BEGIN
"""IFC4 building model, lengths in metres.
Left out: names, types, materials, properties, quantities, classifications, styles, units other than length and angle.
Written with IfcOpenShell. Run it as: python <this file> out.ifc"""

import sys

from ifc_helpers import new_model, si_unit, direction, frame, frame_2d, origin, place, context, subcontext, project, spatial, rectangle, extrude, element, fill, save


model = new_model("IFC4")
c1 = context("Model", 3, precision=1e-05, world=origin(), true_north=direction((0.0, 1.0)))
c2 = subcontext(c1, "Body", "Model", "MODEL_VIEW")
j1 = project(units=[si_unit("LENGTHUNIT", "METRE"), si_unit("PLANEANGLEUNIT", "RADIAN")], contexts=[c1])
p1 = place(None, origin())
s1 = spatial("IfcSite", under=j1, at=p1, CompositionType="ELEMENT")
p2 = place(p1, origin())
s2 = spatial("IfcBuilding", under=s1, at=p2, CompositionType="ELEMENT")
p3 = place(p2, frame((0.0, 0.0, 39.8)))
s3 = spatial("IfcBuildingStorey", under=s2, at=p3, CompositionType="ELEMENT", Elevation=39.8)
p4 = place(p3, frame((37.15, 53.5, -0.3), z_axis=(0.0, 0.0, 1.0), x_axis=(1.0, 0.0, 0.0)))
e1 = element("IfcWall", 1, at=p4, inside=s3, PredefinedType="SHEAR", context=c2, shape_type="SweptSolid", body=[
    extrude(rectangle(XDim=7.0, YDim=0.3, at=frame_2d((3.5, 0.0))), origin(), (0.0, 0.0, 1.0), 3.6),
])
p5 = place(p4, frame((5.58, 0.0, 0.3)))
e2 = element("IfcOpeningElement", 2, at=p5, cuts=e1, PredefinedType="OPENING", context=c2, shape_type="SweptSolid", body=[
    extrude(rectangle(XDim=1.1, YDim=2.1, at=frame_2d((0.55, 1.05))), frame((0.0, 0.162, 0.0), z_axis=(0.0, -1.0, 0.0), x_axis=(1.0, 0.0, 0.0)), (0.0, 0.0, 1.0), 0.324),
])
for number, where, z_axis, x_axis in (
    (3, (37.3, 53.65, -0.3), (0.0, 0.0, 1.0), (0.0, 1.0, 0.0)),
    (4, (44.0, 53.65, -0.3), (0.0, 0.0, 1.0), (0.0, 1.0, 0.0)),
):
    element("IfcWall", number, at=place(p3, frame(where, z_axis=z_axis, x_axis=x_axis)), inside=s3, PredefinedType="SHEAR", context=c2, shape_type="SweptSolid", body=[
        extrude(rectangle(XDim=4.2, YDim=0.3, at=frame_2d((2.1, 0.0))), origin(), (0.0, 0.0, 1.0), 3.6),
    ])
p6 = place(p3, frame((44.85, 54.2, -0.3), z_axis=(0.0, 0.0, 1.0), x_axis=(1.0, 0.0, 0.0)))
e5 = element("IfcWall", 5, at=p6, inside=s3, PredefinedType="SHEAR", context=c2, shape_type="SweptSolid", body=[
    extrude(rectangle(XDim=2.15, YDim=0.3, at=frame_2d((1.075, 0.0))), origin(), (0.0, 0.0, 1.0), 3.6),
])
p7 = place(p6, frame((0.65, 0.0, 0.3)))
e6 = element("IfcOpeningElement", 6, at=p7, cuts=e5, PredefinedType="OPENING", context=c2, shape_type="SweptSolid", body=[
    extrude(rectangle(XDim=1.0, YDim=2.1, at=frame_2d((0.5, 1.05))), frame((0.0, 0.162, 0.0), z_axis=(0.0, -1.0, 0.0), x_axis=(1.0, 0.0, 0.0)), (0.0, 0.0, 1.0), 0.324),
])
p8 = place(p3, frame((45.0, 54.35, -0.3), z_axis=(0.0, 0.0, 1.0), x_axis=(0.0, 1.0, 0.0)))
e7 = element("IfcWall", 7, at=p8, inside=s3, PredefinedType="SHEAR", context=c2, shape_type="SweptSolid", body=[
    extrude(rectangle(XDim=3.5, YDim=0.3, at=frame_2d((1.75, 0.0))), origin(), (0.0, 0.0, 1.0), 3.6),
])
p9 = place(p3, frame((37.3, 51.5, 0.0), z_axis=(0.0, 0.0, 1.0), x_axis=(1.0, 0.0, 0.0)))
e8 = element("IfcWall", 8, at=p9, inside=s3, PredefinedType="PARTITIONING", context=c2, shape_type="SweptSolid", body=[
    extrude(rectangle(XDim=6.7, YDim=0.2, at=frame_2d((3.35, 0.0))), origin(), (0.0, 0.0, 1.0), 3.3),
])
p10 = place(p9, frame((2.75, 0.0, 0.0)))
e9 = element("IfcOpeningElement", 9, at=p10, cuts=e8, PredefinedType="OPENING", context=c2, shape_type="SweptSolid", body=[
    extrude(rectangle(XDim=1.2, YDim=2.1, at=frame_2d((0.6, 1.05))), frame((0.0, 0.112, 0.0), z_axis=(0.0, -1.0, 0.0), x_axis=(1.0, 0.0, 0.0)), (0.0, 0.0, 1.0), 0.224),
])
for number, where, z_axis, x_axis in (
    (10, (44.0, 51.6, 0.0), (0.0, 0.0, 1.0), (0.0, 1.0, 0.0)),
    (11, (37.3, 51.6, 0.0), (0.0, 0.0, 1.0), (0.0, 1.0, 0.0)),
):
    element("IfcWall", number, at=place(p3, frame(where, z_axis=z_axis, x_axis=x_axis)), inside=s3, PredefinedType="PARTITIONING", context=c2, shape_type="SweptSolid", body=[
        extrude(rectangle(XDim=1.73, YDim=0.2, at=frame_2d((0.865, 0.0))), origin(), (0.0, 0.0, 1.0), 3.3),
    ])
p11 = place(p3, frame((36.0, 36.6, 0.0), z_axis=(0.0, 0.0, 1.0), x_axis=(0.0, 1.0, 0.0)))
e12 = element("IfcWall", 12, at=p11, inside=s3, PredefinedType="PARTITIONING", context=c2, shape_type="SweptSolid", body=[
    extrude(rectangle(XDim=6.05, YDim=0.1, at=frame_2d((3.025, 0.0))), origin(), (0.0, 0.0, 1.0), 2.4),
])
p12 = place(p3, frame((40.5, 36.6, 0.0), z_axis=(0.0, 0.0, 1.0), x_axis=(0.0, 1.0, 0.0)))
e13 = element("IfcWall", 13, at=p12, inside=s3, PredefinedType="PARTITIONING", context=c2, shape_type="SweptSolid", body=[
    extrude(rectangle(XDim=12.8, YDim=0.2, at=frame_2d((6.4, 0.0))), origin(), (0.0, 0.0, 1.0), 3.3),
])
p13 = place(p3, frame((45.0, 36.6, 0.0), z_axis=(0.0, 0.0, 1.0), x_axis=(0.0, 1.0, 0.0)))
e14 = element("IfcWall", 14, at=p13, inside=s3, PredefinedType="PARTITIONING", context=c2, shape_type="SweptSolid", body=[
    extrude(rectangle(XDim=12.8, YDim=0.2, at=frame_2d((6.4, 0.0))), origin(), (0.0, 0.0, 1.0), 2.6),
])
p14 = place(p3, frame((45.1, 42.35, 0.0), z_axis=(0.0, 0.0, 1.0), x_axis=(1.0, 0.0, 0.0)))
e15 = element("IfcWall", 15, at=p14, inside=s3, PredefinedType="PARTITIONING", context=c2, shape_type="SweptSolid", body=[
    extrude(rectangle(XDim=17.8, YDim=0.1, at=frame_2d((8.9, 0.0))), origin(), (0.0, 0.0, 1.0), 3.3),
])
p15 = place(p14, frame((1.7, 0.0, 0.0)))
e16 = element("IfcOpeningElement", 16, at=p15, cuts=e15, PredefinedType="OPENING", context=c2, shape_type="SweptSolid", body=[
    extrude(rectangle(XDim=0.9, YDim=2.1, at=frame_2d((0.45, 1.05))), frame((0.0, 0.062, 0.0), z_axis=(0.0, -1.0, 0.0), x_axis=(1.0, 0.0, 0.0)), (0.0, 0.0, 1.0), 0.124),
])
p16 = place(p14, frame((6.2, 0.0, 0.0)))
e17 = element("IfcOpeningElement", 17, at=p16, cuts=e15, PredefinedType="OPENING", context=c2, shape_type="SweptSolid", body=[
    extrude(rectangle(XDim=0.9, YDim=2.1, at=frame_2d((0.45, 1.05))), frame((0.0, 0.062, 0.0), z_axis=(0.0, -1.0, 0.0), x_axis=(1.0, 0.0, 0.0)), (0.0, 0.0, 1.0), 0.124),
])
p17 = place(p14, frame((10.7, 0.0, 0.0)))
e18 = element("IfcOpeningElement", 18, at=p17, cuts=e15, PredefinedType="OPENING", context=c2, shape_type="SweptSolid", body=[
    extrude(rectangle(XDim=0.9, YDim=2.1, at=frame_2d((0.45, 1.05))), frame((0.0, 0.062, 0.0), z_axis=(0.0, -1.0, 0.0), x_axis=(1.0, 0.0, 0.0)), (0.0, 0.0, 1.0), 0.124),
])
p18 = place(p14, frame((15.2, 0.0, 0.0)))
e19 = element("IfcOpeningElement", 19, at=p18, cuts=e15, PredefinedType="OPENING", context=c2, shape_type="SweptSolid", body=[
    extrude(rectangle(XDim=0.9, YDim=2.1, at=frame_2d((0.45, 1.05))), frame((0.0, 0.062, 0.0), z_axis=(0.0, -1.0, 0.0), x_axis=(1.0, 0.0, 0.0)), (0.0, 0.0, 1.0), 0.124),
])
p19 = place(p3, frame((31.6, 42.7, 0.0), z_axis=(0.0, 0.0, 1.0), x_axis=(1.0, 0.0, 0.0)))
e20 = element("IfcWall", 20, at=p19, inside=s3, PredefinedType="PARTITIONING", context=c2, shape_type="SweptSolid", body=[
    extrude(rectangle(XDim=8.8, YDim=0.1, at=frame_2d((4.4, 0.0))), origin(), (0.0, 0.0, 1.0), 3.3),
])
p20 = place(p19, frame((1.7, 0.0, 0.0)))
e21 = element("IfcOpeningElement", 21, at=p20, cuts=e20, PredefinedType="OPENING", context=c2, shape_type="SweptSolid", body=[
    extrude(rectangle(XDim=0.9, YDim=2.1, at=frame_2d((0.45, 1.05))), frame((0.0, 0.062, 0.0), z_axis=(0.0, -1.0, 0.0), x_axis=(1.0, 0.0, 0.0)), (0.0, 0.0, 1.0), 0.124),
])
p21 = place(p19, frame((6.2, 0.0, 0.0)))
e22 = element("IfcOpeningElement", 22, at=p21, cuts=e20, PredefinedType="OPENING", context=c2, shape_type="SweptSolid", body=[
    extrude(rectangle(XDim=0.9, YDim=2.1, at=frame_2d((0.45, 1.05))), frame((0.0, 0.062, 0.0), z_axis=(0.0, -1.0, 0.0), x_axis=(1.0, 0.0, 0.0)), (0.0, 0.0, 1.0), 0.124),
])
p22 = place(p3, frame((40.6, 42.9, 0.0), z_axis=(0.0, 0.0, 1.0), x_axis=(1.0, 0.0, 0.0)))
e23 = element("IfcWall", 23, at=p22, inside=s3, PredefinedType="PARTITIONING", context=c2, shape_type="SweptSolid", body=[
END
## Try it
Report every line of the data in which "subcontext" appears.

## Task result
from ifc_helpers import new_model, si_unit, direction, frame, frame_2d, origin, place, context, subcontext, project, spatial, rectangle, extrude, element, fill, save
c2 = subcontext(c1, "Body", "Model", "MODEL_VIEW")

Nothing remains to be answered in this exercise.